* TASK TO COMPLETE *
List all lines of the data containing the word "subcontext".

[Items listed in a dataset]
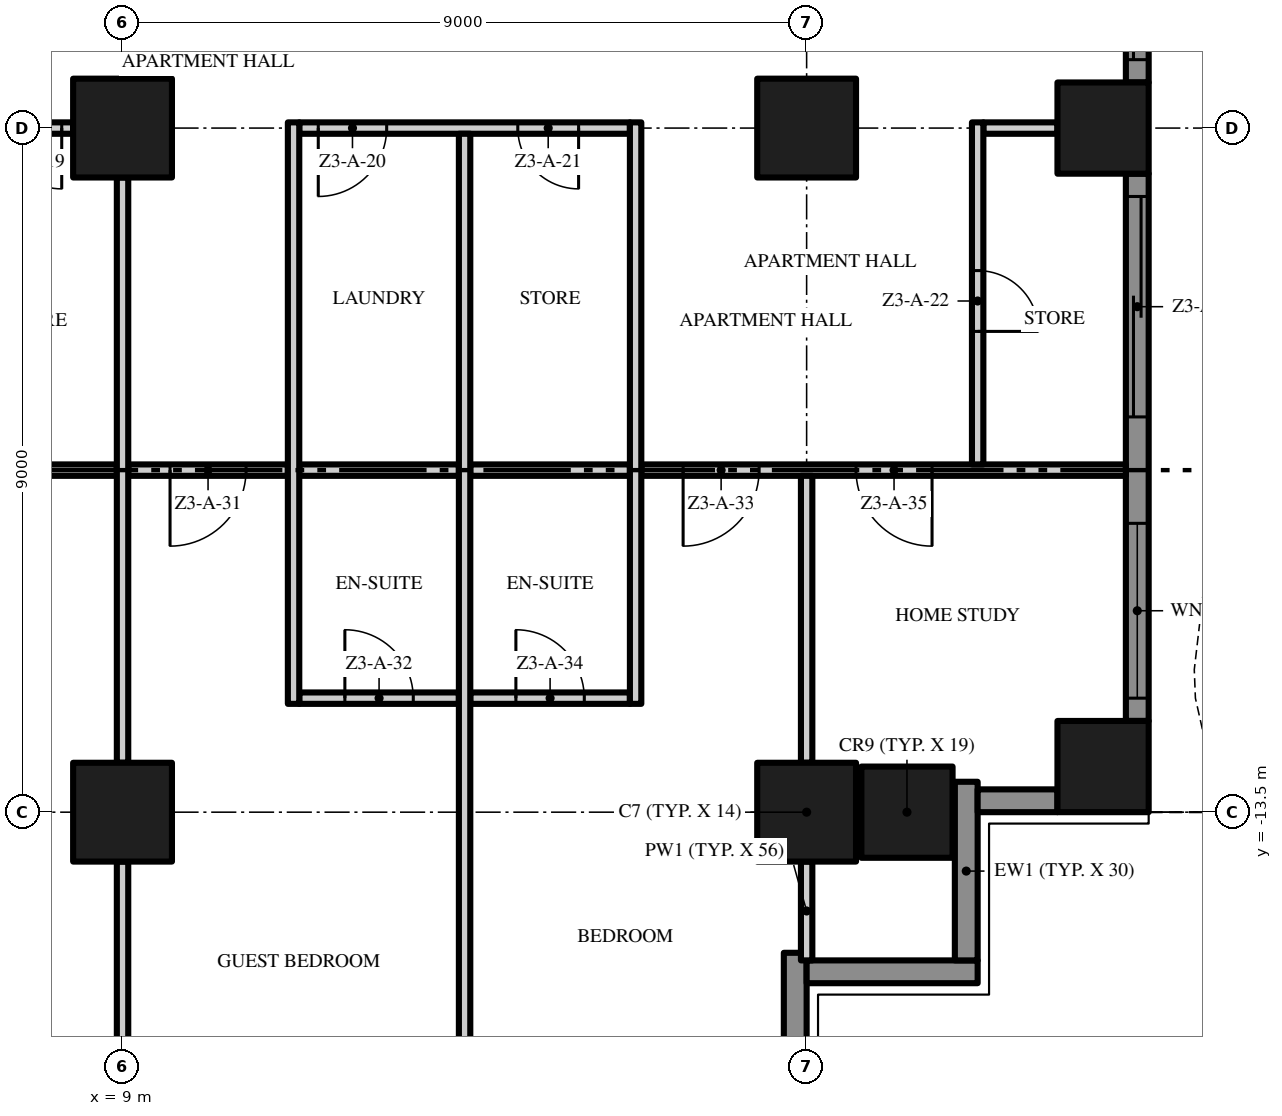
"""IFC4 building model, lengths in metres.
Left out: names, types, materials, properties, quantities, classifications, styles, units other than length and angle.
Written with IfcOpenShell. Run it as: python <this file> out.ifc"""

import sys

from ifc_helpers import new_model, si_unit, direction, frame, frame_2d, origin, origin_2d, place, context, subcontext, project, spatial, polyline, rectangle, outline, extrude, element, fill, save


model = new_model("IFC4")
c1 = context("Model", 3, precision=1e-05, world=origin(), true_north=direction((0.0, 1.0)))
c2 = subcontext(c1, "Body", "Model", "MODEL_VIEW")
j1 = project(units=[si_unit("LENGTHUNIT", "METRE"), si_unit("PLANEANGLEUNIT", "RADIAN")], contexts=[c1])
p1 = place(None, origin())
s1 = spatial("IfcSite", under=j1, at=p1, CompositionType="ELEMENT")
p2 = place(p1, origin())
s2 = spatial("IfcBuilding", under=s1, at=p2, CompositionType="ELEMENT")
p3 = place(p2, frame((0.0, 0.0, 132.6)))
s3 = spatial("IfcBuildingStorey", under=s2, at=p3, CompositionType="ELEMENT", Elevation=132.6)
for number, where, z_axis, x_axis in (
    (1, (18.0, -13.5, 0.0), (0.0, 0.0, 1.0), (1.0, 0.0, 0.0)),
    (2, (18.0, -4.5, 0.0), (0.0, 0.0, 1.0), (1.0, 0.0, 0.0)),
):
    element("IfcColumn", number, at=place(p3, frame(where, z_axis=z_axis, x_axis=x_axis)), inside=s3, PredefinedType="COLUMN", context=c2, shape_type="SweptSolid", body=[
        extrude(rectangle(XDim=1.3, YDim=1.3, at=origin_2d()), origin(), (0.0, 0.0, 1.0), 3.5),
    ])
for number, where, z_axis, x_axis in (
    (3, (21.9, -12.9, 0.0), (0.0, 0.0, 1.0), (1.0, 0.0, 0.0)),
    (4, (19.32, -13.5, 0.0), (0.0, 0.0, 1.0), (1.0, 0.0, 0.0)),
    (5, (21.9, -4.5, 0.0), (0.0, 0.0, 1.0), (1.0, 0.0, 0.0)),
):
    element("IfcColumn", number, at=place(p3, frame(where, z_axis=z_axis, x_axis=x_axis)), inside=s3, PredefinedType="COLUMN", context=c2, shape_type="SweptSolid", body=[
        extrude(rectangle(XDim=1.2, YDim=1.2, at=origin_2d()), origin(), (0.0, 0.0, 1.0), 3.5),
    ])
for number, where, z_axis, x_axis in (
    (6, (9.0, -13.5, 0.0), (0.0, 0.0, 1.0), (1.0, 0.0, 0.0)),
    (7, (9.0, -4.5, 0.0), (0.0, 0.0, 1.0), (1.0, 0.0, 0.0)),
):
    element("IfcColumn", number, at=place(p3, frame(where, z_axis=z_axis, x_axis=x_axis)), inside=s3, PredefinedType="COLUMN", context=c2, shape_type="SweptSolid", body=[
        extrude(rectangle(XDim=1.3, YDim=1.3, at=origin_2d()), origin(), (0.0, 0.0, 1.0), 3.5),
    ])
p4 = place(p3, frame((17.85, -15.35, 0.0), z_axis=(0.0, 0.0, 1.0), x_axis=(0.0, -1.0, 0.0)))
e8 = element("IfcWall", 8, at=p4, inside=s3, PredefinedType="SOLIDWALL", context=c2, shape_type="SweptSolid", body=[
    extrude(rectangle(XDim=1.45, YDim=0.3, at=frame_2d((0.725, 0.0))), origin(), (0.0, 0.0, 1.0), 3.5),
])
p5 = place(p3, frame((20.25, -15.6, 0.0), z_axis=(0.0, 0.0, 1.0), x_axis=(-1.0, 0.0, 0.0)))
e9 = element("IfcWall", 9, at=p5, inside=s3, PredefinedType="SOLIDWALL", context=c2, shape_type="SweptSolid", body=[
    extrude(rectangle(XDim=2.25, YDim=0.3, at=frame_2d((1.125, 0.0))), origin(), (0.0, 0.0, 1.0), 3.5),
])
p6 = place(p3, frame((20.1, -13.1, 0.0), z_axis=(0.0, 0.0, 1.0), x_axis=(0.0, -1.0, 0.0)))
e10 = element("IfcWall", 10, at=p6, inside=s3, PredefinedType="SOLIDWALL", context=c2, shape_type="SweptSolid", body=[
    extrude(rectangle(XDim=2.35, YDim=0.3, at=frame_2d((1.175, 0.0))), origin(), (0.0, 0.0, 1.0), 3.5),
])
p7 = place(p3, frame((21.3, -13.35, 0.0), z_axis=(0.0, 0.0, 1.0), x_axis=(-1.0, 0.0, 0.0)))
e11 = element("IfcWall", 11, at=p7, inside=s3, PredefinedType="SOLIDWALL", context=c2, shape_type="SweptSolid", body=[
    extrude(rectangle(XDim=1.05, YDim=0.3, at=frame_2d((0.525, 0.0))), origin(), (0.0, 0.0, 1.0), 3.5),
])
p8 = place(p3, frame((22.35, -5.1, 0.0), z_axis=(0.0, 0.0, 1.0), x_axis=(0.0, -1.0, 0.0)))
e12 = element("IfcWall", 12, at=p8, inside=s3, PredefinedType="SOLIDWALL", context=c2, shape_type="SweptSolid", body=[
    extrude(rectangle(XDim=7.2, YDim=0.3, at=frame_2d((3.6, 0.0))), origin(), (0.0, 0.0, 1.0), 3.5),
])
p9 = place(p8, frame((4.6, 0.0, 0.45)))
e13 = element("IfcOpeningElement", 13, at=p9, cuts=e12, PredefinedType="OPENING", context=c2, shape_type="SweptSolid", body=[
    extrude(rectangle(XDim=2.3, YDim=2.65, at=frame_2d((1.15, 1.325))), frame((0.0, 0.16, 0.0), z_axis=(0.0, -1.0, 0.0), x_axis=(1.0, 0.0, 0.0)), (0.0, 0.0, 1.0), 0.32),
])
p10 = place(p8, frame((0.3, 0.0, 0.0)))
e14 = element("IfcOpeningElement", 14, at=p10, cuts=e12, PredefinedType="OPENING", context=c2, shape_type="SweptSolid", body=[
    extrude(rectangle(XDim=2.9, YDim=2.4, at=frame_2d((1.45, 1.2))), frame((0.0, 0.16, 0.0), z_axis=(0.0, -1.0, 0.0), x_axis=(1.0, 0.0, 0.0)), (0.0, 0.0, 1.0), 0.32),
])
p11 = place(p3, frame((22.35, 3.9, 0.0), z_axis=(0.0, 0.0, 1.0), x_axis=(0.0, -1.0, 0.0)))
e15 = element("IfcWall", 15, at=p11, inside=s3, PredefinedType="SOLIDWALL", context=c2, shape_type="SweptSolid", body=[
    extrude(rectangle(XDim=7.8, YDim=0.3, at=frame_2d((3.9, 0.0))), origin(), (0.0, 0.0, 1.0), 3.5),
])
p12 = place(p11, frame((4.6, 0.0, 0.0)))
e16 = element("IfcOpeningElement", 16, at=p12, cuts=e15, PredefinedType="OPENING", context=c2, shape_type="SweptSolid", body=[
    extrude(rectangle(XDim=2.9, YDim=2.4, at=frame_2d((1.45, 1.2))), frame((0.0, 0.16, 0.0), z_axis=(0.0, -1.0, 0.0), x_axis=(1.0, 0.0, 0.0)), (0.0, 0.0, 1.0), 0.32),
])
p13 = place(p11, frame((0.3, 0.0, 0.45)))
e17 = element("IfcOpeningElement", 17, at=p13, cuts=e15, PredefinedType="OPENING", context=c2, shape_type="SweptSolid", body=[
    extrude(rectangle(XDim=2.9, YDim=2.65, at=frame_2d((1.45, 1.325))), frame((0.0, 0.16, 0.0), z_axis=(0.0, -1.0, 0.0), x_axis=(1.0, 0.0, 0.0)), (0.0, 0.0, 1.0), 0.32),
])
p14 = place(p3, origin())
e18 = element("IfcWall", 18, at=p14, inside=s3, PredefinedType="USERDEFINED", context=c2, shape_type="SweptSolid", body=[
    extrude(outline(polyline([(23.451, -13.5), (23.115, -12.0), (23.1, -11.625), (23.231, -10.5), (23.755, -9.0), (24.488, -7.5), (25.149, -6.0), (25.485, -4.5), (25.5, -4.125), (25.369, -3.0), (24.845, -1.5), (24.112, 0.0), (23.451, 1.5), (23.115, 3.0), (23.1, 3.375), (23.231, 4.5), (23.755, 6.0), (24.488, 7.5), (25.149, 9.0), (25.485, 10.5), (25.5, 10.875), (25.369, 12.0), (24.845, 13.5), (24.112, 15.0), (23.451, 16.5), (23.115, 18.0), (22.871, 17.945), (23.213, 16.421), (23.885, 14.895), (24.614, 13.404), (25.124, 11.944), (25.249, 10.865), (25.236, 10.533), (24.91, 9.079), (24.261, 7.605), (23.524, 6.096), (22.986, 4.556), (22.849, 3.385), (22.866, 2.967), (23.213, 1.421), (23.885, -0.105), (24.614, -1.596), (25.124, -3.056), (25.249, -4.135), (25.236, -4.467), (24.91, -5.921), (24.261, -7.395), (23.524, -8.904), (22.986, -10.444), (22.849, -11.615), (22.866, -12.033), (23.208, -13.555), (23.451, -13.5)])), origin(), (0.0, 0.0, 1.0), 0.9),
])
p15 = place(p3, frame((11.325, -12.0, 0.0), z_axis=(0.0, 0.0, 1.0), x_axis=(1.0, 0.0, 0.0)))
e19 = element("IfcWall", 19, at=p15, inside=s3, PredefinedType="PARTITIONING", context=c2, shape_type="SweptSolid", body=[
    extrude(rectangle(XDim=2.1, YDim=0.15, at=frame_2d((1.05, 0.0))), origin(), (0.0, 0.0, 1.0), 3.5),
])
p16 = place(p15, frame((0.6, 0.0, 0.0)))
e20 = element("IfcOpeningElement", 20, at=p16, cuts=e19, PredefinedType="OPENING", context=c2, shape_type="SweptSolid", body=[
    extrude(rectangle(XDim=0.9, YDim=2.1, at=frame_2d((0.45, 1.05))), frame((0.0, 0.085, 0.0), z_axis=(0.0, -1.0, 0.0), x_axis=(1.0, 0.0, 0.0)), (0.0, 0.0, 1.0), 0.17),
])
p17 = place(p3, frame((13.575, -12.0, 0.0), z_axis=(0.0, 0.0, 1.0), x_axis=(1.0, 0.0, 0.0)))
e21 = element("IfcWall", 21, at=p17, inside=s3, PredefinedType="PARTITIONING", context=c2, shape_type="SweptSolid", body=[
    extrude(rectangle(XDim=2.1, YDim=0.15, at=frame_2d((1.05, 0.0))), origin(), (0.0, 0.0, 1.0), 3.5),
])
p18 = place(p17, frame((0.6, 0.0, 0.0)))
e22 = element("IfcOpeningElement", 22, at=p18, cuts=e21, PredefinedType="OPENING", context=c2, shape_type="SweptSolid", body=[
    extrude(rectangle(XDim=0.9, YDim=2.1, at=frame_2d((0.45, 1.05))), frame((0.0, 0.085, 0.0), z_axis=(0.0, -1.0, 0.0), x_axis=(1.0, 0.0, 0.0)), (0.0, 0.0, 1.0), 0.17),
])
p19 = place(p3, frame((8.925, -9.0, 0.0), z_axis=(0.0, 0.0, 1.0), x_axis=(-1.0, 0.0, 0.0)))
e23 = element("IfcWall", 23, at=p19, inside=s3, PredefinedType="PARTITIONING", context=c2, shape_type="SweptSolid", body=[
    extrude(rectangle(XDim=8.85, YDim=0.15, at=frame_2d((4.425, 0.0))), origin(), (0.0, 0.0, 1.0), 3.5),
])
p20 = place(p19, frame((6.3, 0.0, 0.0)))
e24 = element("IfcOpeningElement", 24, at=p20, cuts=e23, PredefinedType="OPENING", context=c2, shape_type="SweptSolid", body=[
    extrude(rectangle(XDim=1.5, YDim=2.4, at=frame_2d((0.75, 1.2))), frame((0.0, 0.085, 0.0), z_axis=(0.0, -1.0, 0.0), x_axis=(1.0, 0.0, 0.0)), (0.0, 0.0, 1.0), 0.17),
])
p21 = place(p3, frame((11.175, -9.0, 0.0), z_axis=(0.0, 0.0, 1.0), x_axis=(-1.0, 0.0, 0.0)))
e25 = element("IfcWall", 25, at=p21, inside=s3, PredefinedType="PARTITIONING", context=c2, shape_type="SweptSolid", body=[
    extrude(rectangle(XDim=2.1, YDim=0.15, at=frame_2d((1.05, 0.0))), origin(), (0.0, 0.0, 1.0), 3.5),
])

* YOUR RESPONSE *
from ifc_helpers import new_model, si_unit, direction, frame, frame_2d, origin, origin_2d, place, context, subcontext, project, spatial, polyline, rectangle, outline, extrude, element, fill, save
c2 = subcontext(c1, "Body", "Model", "MODEL_VIEW")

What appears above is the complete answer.